Copy, exactly and without additions, every line in the records below from the one holding "make_face()" through the one holding "Circle(SKETCH4_R_2, mode=Mode.SUBTRACT)", both ends included.

- Supplied records -
====

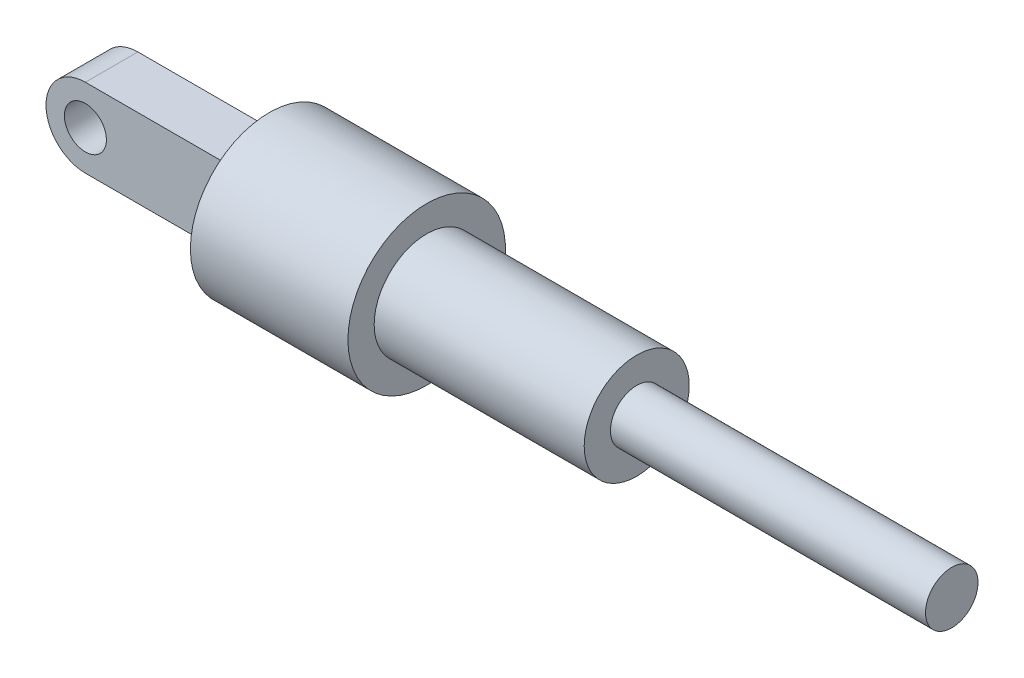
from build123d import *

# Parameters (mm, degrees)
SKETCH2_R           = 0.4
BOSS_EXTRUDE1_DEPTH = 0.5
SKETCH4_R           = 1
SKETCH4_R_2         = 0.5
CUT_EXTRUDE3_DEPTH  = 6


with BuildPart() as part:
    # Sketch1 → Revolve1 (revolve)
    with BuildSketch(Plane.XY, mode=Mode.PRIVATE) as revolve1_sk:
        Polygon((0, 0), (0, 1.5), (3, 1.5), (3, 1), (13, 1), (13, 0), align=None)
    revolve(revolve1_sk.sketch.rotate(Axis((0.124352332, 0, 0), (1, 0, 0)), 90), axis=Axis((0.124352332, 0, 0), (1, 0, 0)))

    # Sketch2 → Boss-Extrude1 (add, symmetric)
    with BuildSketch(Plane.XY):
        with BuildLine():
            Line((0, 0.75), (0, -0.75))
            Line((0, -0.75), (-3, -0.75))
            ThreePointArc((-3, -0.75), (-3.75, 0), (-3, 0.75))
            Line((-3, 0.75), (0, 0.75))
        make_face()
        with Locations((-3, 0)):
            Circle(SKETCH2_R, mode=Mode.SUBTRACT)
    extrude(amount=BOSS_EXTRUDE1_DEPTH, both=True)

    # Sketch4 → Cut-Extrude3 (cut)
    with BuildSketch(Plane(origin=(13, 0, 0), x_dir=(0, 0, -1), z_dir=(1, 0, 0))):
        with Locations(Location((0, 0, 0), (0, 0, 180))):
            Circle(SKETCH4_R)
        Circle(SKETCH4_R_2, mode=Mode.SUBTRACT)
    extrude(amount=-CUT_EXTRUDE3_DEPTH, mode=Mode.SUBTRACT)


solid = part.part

====

- Your response -
        make_face()
        with Locations((-3, 0)):
            Circle(SKETCH2_R, mode=Mode.SUBTRACT)
    extrude(amount=BOSS_EXTRUDE1_DEPTH, both=True)

    # Sketch4 → Cut-Extrude3 (cut)
    with BuildSketch(Plane(origin=(13, 0, 0), x_dir=(0, 0, -1), z_dir=(1, 0, 0))):
        with Locations(Location((0, 0, 0), (0, 0, 180))):
            Circle(SKETCH4_R)
        Circle(SKETCH4_R_2, mode=Mode.SUBTRACT)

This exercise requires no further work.